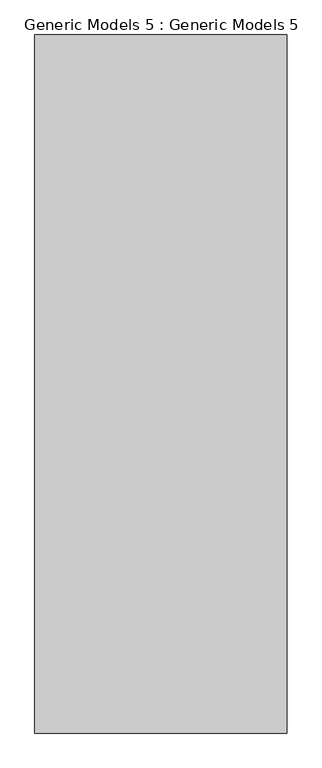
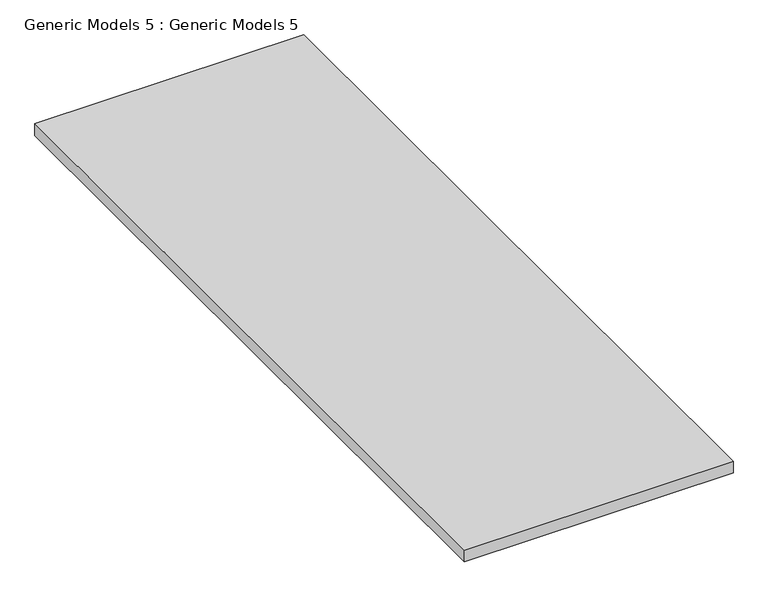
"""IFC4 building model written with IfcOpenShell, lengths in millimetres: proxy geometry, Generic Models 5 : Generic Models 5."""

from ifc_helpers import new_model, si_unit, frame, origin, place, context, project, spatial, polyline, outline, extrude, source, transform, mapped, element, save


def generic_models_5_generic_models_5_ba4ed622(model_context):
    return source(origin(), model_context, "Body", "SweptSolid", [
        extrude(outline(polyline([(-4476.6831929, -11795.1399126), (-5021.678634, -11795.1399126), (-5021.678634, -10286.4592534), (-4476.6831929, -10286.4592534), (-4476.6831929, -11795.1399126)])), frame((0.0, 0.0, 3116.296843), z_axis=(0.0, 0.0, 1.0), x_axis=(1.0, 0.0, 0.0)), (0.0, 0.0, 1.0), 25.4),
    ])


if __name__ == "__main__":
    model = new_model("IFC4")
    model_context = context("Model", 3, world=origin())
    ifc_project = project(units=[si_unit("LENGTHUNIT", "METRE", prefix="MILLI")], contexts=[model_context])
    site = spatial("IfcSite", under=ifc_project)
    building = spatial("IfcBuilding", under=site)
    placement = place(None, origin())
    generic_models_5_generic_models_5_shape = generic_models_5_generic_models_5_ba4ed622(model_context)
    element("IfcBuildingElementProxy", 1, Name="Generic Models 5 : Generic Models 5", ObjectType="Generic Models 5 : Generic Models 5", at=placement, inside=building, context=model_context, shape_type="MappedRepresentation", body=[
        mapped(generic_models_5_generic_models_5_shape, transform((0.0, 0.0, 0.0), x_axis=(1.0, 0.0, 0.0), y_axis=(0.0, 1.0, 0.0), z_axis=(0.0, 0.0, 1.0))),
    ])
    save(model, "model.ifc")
────────────────────────────────────────
● YOUR INSTRUCTIONS:
The word is "site". Copy every line above where it appears.

● ANSWER SPACE:
    site = spatial("IfcSite", under=ifc_project)
    building = spatial("IfcBuilding", under=site)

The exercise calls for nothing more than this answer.